Stored dataset items:
++++++++++

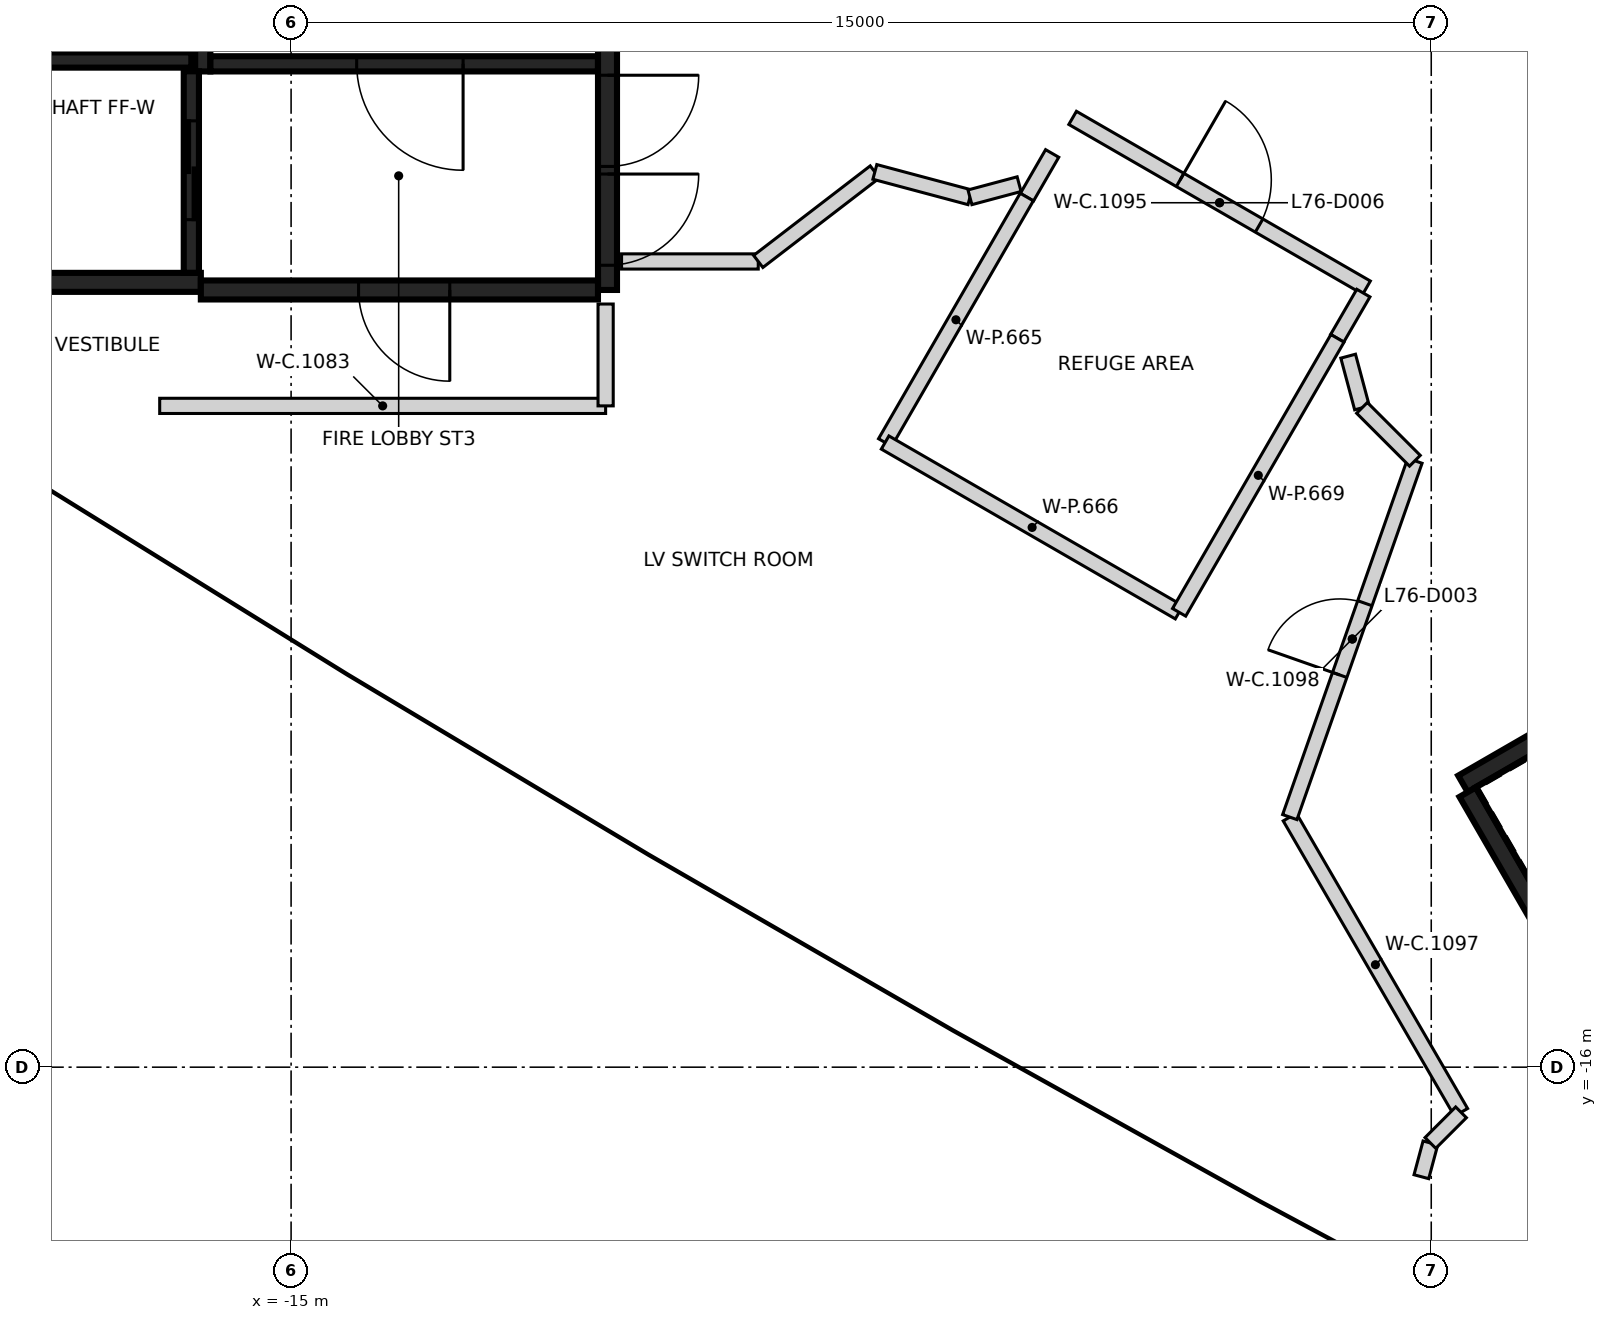
"""IFC4 building model, lengths in metres.
Left out: names, types, materials, properties, quantities, classifications, styles, units other than length and angle.
Written with IfcOpenShell. Run it as: python <this file> out.ifc"""

import sys

from ifc_helpers import new_model, si_unit, direction, frame, frame_2d, origin, place, context, subcontext, project, spatial, rectangle, extrude, element, fill, save


model = new_model("IFC4")
c1 = context("Model", 3, precision=1e-05, world=origin(), true_north=direction((0.0, 1.0)))
c2 = subcontext(c1, "Body", "Model", "MODEL_VIEW")
j1 = project(units=[si_unit("LENGTHUNIT", "METRE"), si_unit("PLANEANGLEUNIT", "RADIAN")], contexts=[c1])
p1 = place(None, origin())
s1 = spatial("IfcSite", under=j1, at=p1, CompositionType="ELEMENT")
p2 = place(p1, origin())
s2 = spatial("IfcBuilding", under=s1, at=p2, CompositionType="ELEMENT")
p3 = place(p2, frame((0.0, 0.0, 301.8)))
s3 = spatial("IfcBuildingStorey", under=s2, at=p3, CompositionType="ELEMENT", Elevation=301.8)
p4 = place(p3, frame((-10.837, 5.775, 0.0), z_axis=(0.0, 0.0, 1.0), x_axis=(0.0, -1.0, 0.0)))
e1 = element("IfcWall", 1, at=p4, inside=s3, PredefinedType="SHEAR", context=c2, shape_type="SweptSolid", body=[
    extrude(rectangle(XDim=11.55, YDim=0.25, at=frame_2d((5.775, 0.0))), origin(), (0.0, 0.0, 1.0), 4.45),
])
p5 = place(p4, frame((10.025, 0.0, 0.0)))
e2 = element("IfcOpeningElement", 2, at=p5, cuts=e1, PredefinedType="OPENING", context=c2, shape_type="SweptSolid", body=[
    extrude(rectangle(XDim=1.2, YDim=2.1, at=frame_2d((0.6, 1.05))), frame((0.0, 0.135, 0.0), z_axis=(0.0, -1.0, 0.0), x_axis=(1.0, 0.0, 0.0)), (0.0, 0.0, 1.0), 0.27),
])
p6 = place(p4, frame((8.725, 0.0, 0.0)))
e3 = element("IfcOpeningElement", 3, at=p6, cuts=e1, PredefinedType="OPENING", context=c2, shape_type="SweptSolid", body=[
    extrude(rectangle(XDim=1.2, YDim=2.1, at=frame_2d((0.6, 1.05))), frame((0.0, 0.135, 0.0), z_axis=(0.0, -1.0, 0.0), x_axis=(1.0, 0.0, 0.0)), (0.0, 0.0, 1.0), 0.27),
])
p7 = place(p3, frame((-16.187, -5.675, 0.0), z_axis=(0.0, 0.0, 1.0), x_axis=(-1.0, 0.0, 0.0)))
e4 = element("IfcWall", 4, at=p7, inside=s3, PredefinedType="SHEAR", context=c2, shape_type="SweptSolid", body=[
    extrude(rectangle(XDim=6.125, YDim=0.25, at=frame_2d((3.062, 0.0))), origin(), (0.0, 0.0, 1.0), 4.45),
])
p8 = place(p7, frame((4.563, 0.0, 0.0)))
e5 = element("IfcOpeningElement", 5, at=p8, cuts=e4, PredefinedType="OPENING", context=c2, shape_type="SweptSolid", body=[
    extrude(rectangle(XDim=1.0, YDim=2.1, at=frame_2d((0.5, 1.05))), frame((0.0, 0.135, 0.0), z_axis=(0.0, -1.0, 0.0), x_axis=(1.0, 0.0, 0.0)), (0.0, 0.0, 1.0), 0.27),
])
p9 = place(p3, frame((-10.963, -5.775, 0.0), z_axis=(0.0, 0.0, 1.0), x_axis=(-1.0, 0.0, 0.0)))
e6 = element("IfcWall", 6, at=p9, inside=s3, PredefinedType="SHEAR", context=c2, shape_type="SweptSolid", body=[
    extrude(rectangle(XDim=5.225, YDim=0.25, at=frame_2d((2.612, 0.0))), origin(), (0.0, 0.0, 1.0), 4.45),
])
p10 = place(p9, frame((1.95, 0.0, 0.0)))
e7 = element("IfcOpeningElement", 7, at=p10, cuts=e6, PredefinedType="OPENING", context=c2, shape_type="SweptSolid", body=[
    extrude(rectangle(XDim=1.2, YDim=2.1, at=frame_2d((0.6, 1.05))), frame((0.0, 0.135, 0.0), z_axis=(0.0, -1.0, 0.0), x_axis=(1.0, 0.0, 0.0)), (0.0, 0.0, 1.0), 0.27),
])
p11 = place(p3, frame((-16.162, 3.074, 0.0), z_axis=(0.0, 0.0, 1.0), x_axis=(0.0, -1.0, 0.0)))
e8 = element("IfcWall", 8, at=p11, inside=s3, PredefinedType="SHEAR", context=c2, shape_type="SweptSolid", body=[
    extrude(rectangle(XDim=5.974, YDim=0.2, at=frame_2d((2.987, 0.0))), origin(), (0.0, 0.0, 1.0), 4.45),
])
p12 = place(p3, frame((-10.963, -2.8, 0.0), z_axis=(0.0, 0.0, 1.0), x_axis=(-1.0, 0.0, 0.0)))
e9 = element("IfcWall", 9, at=p12, inside=s3, PredefinedType="SHEAR", context=c2, shape_type="SweptSolid", body=[
    extrude(rectangle(XDim=5.098, YDim=0.2, at=frame_2d((2.549, 0.0))), origin(), (0.0, 0.0, 1.0), 4.45),
])
p13 = place(p12, frame((1.774, 0.0, 0.0)))
e10 = element("IfcOpeningElement", 10, at=p13, cuts=e9, PredefinedType="OPENING", context=c2, shape_type="SweptSolid", body=[
    extrude(rectangle(XDim=1.4, YDim=2.1, at=frame_2d((0.7, 1.05))), frame((0.0, 0.11, 0.0), z_axis=(0.0, -1.0, 0.0), x_axis=(1.0, 0.0, 0.0)), (0.0, 0.0, 1.0), 0.22),
])
p14 = place(p3, frame((-19.412, -2.75, 0.0), z_axis=(0.0, 0.0, 1.0), x_axis=(1.0, 0.0, 0.0)))
e11 = element("IfcWall", 11, at=p14, inside=s3, PredefinedType="SHEAR", context=c2, shape_type="SweptSolid", body=[
    extrude(rectangle(XDim=3.1, YDim=0.2, at=frame_2d((1.55, 0.0))), origin(), (0.0, 0.0, 1.0), 4.45),
])
p15 = place(p3, frame((-16.312, -2.898, 0.0), z_axis=(0.0, 0.0, 1.0), x_axis=(0.0, -1.0, 0.0)))
e12 = element("IfcWall", 12, at=p15, inside=s3, PredefinedType="SHEAR", context=c2, shape_type="SweptSolid", body=[
    extrude(rectangle(XDim=2.651, YDim=0.2, at=frame_2d((1.325, 0.0))), origin(), (0.0, 0.0, 1.0), 4.45),
])
p16 = place(p15, frame((0.652, 0.0, 0.0)))
e13 = element("IfcOpeningElement", 13, at=p16, cuts=e12, PredefinedType="OPENING", context=c2, shape_type="SweptSolid", body=[
    extrude(rectangle(XDim=1.3, YDim=2.1, at=frame_2d((0.65, 1.05))), frame((0.0, 0.11, 0.0), z_axis=(0.0, -1.0, 0.0), x_axis=(1.0, 0.0, 0.0)), (0.0, 0.0, 1.0), 0.22),
])
p17 = place(p3, frame((0.417, -12.273, 0.0), z_axis=(0.0, 0.0, 1.0), x_axis=(0.866021906294, 0.500006057782, 0.0)))
e14 = element("IfcWall", 14, at=p17, inside=s3, PredefinedType="SHEAR", context=c2, shape_type="SweptSolid", body=[
    extrude(rectangle(XDim=11.55, YDim=0.25, at=frame_2d((5.775, 0.0))), origin(), (0.0, 0.0, 1.0), 4.45),
])
p18 = place(p17, frame((10.025, 0.0, 0.0)))
e15 = element("IfcOpeningElement", 15, at=p18, cuts=e14, PredefinedType="OPENING", context=c2, shape_type="SweptSolid", body=[
    extrude(rectangle(XDim=1.2, YDim=2.1, at=frame_2d((0.6, 1.05))), frame((0.0, 0.135, 0.0), z_axis=(0.0, -1.0, 0.0), x_axis=(1.0, 0.0, 0.0)), (0.0, 0.0, 1.0), 0.27),
])
p19 = place(p17, frame((8.725, 0.0, 0.0)))
e16 = element("IfcOpeningElement", 16, at=p19, cuts=e14, PredefinedType="OPENING", context=c2, shape_type="SweptSolid", body=[
    extrude(rectangle(XDim=1.2, YDim=2.1, at=frame_2d((0.6, 1.05))), frame((0.0, 0.135, 0.0), z_axis=(0.0, -1.0, 0.0), x_axis=(1.0, 0.0, 0.0)), (0.0, 0.0, 1.0), 0.27),
])
p20 = place(p3, frame((3.235, -17.153, 0.0), z_axis=(0.0, 0.0, 1.0), x_axis=(-0.500008851346, 0.866020293397, 0.0)))
e17 = element("IfcWall", 17, at=p20, inside=s3, PredefinedType="SHEAR", context=c2, shape_type="SweptSolid", body=[
    extrude(rectangle(XDim=5.51, YDim=0.25, at=frame_2d((2.755, 0.0))), origin(), (0.0, 0.0, 1.0), 4.45),
])
p21 = place(p3, frame((-16.729, -7.3, 0.0), z_axis=(0.0, 0.0, 1.0), x_axis=(1.0, 0.0, 0.0)))
e18 = element("IfcWall", 18, at=p21, inside=s3, PredefinedType="PARTITIONING", context=c2, shape_type="SweptSolid", body=[
    extrude(rectangle(XDim=5.867, YDim=0.2, at=frame_2d((2.933, 0.0))), origin(), (0.0, 0.0, 1.0), 4.45),
])
p22 = place(p3, frame((-10.862, -7.3, 0.0), z_axis=(0.0, 0.0, 1.0), x_axis=(0.0, 1.0, 0.0)))
e19 = element("IfcWall", 19, at=p22, inside=s3, PredefinedType="PARTITIONING", context=c2, shape_type="SweptSolid", body=[
    extrude(rectangle(XDim=1.34, YDim=0.2, at=frame_2d((0.67, 0.0))), origin(), (0.0, 0.0, 1.0), 4.45),
])
p23 = place(p3, frame((-10.652, -5.4, 0.0), z_axis=(0.0, 0.0, 1.0), x_axis=(1.0, 0.0, 0.0)))
e20 = element("IfcWall", 20, at=p23, inside=s3, PredefinedType="PARTITIONING", context=c2, shape_type="SweptSolid", body=[
    extrude(rectangle(XDim=1.798, YDim=0.2, at=frame_2d((0.899, 0.0))), origin(), (0.0, 0.0, 1.0), 4.45),
])
p24 = place(p3, frame((-8.854, -5.4, 0.0), z_axis=(0.0, 0.0, 1.0), x_axis=(0.793116457917, 0.609070015828, 0.0)))
e21 = element("IfcWall", 21, at=p24, inside=s3, PredefinedType="PARTITIONING", context=c2, shape_type="SweptSolid", body=[
    extrude(rectangle(XDim=1.934, YDim=0.2, at=frame_2d((0.967, 0.0))), origin(), (0.0, 0.0, 1.0), 4.45),
])
p25 = place(p3, frame((-7.32, -4.222, 0.0), z_axis=(0.0, 0.0, 1.0), x_axis=(0.966159789195, -0.257944299691, 0.0)))
e22 = element("IfcWall", 22, at=p25, inside=s3, PredefinedType="PARTITIONING", context=c2, shape_type="SweptSolid", body=[
    extrude(rectangle(XDim=1.295, YDim=0.2, at=frame_2d((0.647, 0.0))), origin(), (0.0, 0.0, 1.0), 4.45),
])
p26 = place(p3, frame((-6.069, -4.556, 0.0), z_axis=(0.0, 0.0, 1.0), x_axis=(0.966113813523, 0.258116445273, 0.0)))
e23 = element("IfcWall", 23, at=p26, inside=s3, PredefinedType="PARTITIONING", context=c2, shape_type="SweptSolid", body=[
    extrude(rectangle(XDim=0.67, YDim=0.2, at=frame_2d((0.335, 0.0))), origin(), (0.0, 0.0, 1.0), 4.45),
])
p27 = place(p3, frame((-5.319, -4.554, 0.0), z_axis=(0.0, 0.0, 1.0), x_axis=(0.500093796661, 0.865971243484, 0.0)))
e24 = element("IfcWall", 24, at=p27, inside=s3, PredefinedType="PARTITIONING", context=c2, shape_type="SweptSolid", body=[
    extrude(rectangle(XDim=0.664, YDim=0.2, at=frame_2d((0.332, 0.0))), origin(), (0.0, 0.0, 1.0), 4.45),
])
p28 = place(p3, frame((-4.718, -3.511, 0.0), z_axis=(0.0, 0.0, 1.0), x_axis=(0.865993462583, -0.500055319703, 0.0)))
e25 = element("IfcWall", 25, at=p28, inside=s3, PredefinedType="PARTITIONING", context=c2, shape_type="SweptSolid", body=[
    extrude(rectangle(XDim=4.465, YDim=0.2, at=frame_2d((2.233, 0.0))), origin(), (0.0, 0.0, 1.0), 4.45),
])
p29 = place(p28, frame((1.633, 0.0, 0.0)))
e26 = element("IfcOpeningElement", 26, at=p29, cuts=e25, PredefinedType="OPENING", context=c2, shape_type="SweptSolid", body=[
    extrude(rectangle(XDim=1.2, YDim=2.1, at=frame_2d((0.6, 1.05))), frame((0.0, 0.11, 0.0), z_axis=(0.0, -1.0, 0.0), x_axis=(1.0, 0.0, 0.0)), (0.0, 0.0, 1.0), 0.22),
])
p30 = place(p3, frame((-1.861, -12.71, 0.0), z_axis=(0.0, 0.0, 1.0), x_axis=(0.501790506815, -0.864989183326, 0.0)))
e27 = element("IfcWall", 27, at=p30, inside=s3, PredefinedType="PARTITIONING", context=c2, shape_type="SweptSolid", body=[
    extrude(rectangle(XDim=4.49, YDim=0.2, at=frame_2d((2.245, 0.0))), origin(), (0.0, 0.0, 1.0), 4.45),
])
p31 = place(p3, frame((-1.861, -12.71, 0.0), z_axis=(0.0, 0.0, 1.0), x_axis=(0.331282665584, 0.943531555108, 0.0)))
e28 = element("IfcWall", 28, at=p31, inside=s3, PredefinedType="PARTITIONING", context=c2, shape_type="SweptSolid", body=[
    extrude(rectangle(XDim=4.969, YDim=0.2, at=frame_2d((2.484, 0.0))), origin(), (0.0, 0.0, 1.0), 4.45),
])
p32 = place(p31, frame((1.982, 0.0, 0.0)))
e29 = element("IfcOpeningElement", 29, at=p32, cuts=e28, PredefinedType="OPENING", context=c2, shape_type="SweptSolid", body=[
    extrude(rectangle(XDim=1.0, YDim=2.1, at=frame_2d((0.5, 1.05))), frame((0.0, 0.11, 0.0), z_axis=(0.0, -1.0, 0.0), x_axis=(1.0, 0.0, 0.0)), (0.0, 0.0, 1.0), 0.22),
])
p33 = place(p3, frame((-1.237, -6.41, 0.0), z_axis=(0.0, 0.0, 1.0), x_axis=(0.501148429931, 0.865361341393, 0.0)))
e30 = element("IfcWall", 30, at=p33, inside=s3, PredefinedType="PARTITIONING", context=c2, shape_type="SweptSolid", body=[
    extrude(rectangle(XDim=0.687, YDim=0.2, at=frame_2d((0.343, 0.0))), origin(), (0.0, 0.0, 1.0), 4.45),
])
p34 = place(p3, frame((-1.093, -6.646, 0.0), z_axis=(0.0, 0.0, 1.0), x_axis=(0.258741864149, -0.965946503558, 0.0)))
e31 = element("IfcWall", 31, at=p34, inside=s3, PredefinedType="PARTITIONING", context=c2, shape_type="SweptSolid", body=[
    extrude(rectangle(XDim=0.704, YDim=0.2, at=frame_2d((0.352, 0.0))), origin(), (0.0, 0.0, 1.0), 4.45),
])
p35 = place(p3, frame((-0.911, -7.326, 0.0), z_axis=(0.0, 0.0, 1.0), x_axis=(0.706982738249, -0.707230802368, 0.0)))
e32 = element("IfcWall", 32, at=p35, inside=s3, PredefinedType="PARTITIONING", context=c2, shape_type="SweptSolid", body=[
    extrude(rectangle(XDim=0.984, YDim=0.2, at=frame_2d((0.492, 0.0))), origin(), (0.0, 0.0, 1.0), 4.45),
])
p36 = place(p3, frame((-0.13, -17.441, 0.0), z_axis=(0.0, 0.0, 1.0), x_axis=(0.258753790643, 0.965943308806, 0.0)))
e33 = element("IfcWall", 33, at=p36, inside=s3, PredefinedType="PARTITIONING", context=c2, shape_type="SweptSolid", body=[
    extrude(rectangle(XDim=0.459, YDim=0.2, at=frame_2d((0.23, 0.0))), origin(), (0.0, 0.0, 1.0), 4.45),
])
p37 = place(p3, frame((-0.011, -16.997, 0.0), z_axis=(0.0, 0.0, 1.0), x_axis=(0.707106781187, 0.707106781187, 0.0)))
e34 = element("IfcWall", 34, at=p37, inside=s3, PredefinedType="PARTITIONING", context=c2, shape_type="SweptSolid", body=[
    extrude(rectangle(XDim=0.57, YDim=0.2, at=frame_2d((0.285, 0.0))), origin(), (0.0, 0.0, 1.0), 4.45),
])
p38 = place(p3, frame((-7.185, -7.782, 0.0), z_axis=(0.0, 0.0, 1.0), x_axis=(0.499794252385, 0.866144159642, 0.0)))
e35 = element("IfcWall", 35, at=p38, inside=s3, PredefinedType="PARTITIONING", context=c2, shape_type="SweptSolid", body=[
    extrude(rectangle(XDim=3.729, YDim=0.2, at=frame_2d((1.864, 0.0))), origin(), (0.0, 0.0, 1.0), 4.45),
])
p39 = place(p3, frame((-7.185, -7.782, 0.0), z_axis=(0.0, 0.0, 1.0), x_axis=(0.865943452446, -0.500141917025, 0.0)))
e36 = element("IfcWall", 36, at=p39, inside=s3, PredefinedType="PARTITIONING", context=c2, shape_type="SweptSolid", body=[
    extrude(rectangle(XDim=4.467, YDim=0.2, at=frame_2d((2.233, 0.0))), origin(), (0.0, 0.0, 1.0), 4.45),
])
p40 = place(p3, frame((-3.317, -10.016, 0.0), z_axis=(0.0, 0.0, 1.0), x_axis=(0.500307886715, 0.865847572319, 0.0)))
e37 = element("IfcWall", 37, at=p40, inside=s3, PredefinedType="PARTITIONING", context=c2, shape_type="SweptSolid", body=[
    extrude(rectangle(XDim=4.163, YDim=0.2, at=frame_2d((2.082, 0.0))), origin(), (0.0, 0.0, 1.0), 4.45),
])
p41 = place(p16, origin())
e38 = element("IfcDoor", 38, at=p41, inside=s3, OperationType="SLIDING_TO_RIGHT", PredefinedType="DOOR", context=c2, shape_type="SweptSolid", body=[
    extrude(rectangle(XDim=1.3, YDim=2.1, at=frame_2d((0.65, 1.05))), frame((0.0, 0.025, 0.0), z_axis=(0.0, -1.0, 0.0), x_axis=(1.0, 0.0, 0.0)), (0.0, 0.0, 1.0), 0.05),
])
fill(e13, e38)
p42 = place(p5, origin())
e39 = element("IfcDoor", 39, at=p42, inside=s3, OperationType="SINGLE_SWING_LEFT", PredefinedType="DOOR", context=c2, shape_type="SweptSolid", body=[
    extrude(rectangle(XDim=1.2, YDim=2.1, at=frame_2d((0.6, 1.05))), frame((0.0, 0.025, 0.0), z_axis=(0.0, -1.0, 0.0), x_axis=(1.0, 0.0, 0.0)), (0.0, 0.0, 1.0), 0.05),
])
fill(e2, e39)
p43 = place(p6, origin())
e40 = element("IfcDoor", 40, at=p43, inside=s3, OperationType="SINGLE_SWING_RIGHT", PredefinedType="DOOR", context=c2, shape_type="SweptSolid", body=[
    extrude(rectangle(XDim=1.2, YDim=2.1, at=frame_2d((0.6, 1.05))), frame((0.0, 0.025, 0.0), z_axis=(0.0, -1.0, 0.0), x_axis=(1.0, 0.0, 0.0)), (0.0, 0.0, 1.0), 0.05),
])
fill(e3, e40)
p44 = place(p13, origin())
e41 = element("IfcDoor", 41, at=p44, inside=s3, OperationType="SINGLE_SWING_RIGHT", PredefinedType="DOOR", context=c2, shape_type="SweptSolid", body=[
    extrude(rectangle(XDim=1.4, YDim=2.1, at=frame_2d((0.7, 1.05))), frame((0.0, 0.025, 0.0), z_axis=(0.0, -1.0, 0.0), x_axis=(1.0, 0.0, 0.0)), (0.0, 0.0, 1.0), 0.05),
])
fill(e10, e41)
p45 = place(p10, origin())
e42 = element("IfcDoor", 42, at=p45, inside=s3, OperationType="SINGLE_SWING_LEFT", PredefinedType="DOOR", context=c2, shape_type="SweptSolid", body=[
    extrude(rectangle(XDim=1.2, YDim=2.1, at=frame_2d((0.6, 1.05))), frame((0.0, 0.025, 0.0), z_axis=(0.0, -1.0, 0.0), x_axis=(1.0, 0.0, 0.0)), (0.0, 0.0, 1.0), 0.05),
])
fill(e7, e42)
p46 = place(p32, origin())
e43 = element("IfcDoor", 43, at=p46, inside=s3, OperationType="SINGLE_SWING_LEFT", PredefinedType="DOOR", context=c2, shape_type="SweptSolid", body=[
    extrude(rectangle(XDim=1.0, YDim=2.1, at=frame_2d((0.5, 1.05))), frame((0.0, 0.025, 0.0), z_axis=(0.0, -1.0, 0.0), x_axis=(1.0, 0.0, 0.0)), (0.0, 0.0, 1.0), 0.05),
])
fill(e29, e43)
p47 = place(p29, frame((1.2, 0.0, 0.0), z_axis=(0.0, 0.0, 1.0), x_axis=(-1.0, 0.0, 0.0)))
e44 = element("IfcDoor", 44, at=p47, inside=s3, OperationType="SINGLE_SWING_LEFT", PredefinedType="DOOR", context=c2, shape_type="SweptSolid", body=[
    extrude(rectangle(XDim=1.2, YDim=2.1, at=frame_2d((0.6, 1.05))), frame((0.0, 0.025, 0.0), z_axis=(0.0, -1.0, 0.0), x_axis=(1.0, 0.0, 0.0)), (0.0, 0.0, 1.0), 0.05),
])
fill(e26, e44)
save(model, sys.argv[1])

++++++++++

> **Prompt**:
Copy out each line of the data containing the string "OperationType".

> **Result**:
e38 = element("IfcDoor", 38, at=p41, inside=s3, OperationType="SLIDING_TO_RIGHT", PredefinedType="DOOR", context=c2, shape_type="SweptSolid", body=[
e39 = element("IfcDoor", 39, at=p42, inside=s3, OperationType="SINGLE_SWING_LEFT", PredefinedType="DOOR", context=c2, shape_type="SweptSolid", body=[
e40 = element("IfcDoor", 40, at=p43, inside=s3, OperationType="SINGLE_SWING_RIGHT", PredefinedType="DOOR", context=c2, shape_type="SweptSolid", body=[
e41 = element("IfcDoor", 41, at=p44, inside=s3, OperationType="SINGLE_SWING_RIGHT", PredefinedType="DOOR", context=c2, shape_type="SweptSolid", body=[
e42 = element("IfcDoor", 42, at=p45, inside=s3, OperationType="SINGLE_SWING_LEFT", PredefinedType="DOOR", context=c2, shape_type="SweptSolid", body=[
e43 = element("IfcDoor", 43, at=p46, inside=s3, OperationType="SINGLE_SWING_LEFT", PredefinedType="DOOR", context=c2, shape_type="SweptSolid", body=[
e44 = element("IfcDoor", 44, at=p47, inside=s3, OperationType="SINGLE_SWING_LEFT", PredefinedType="DOOR", context=c2, shape_type="SweptSolid", body=[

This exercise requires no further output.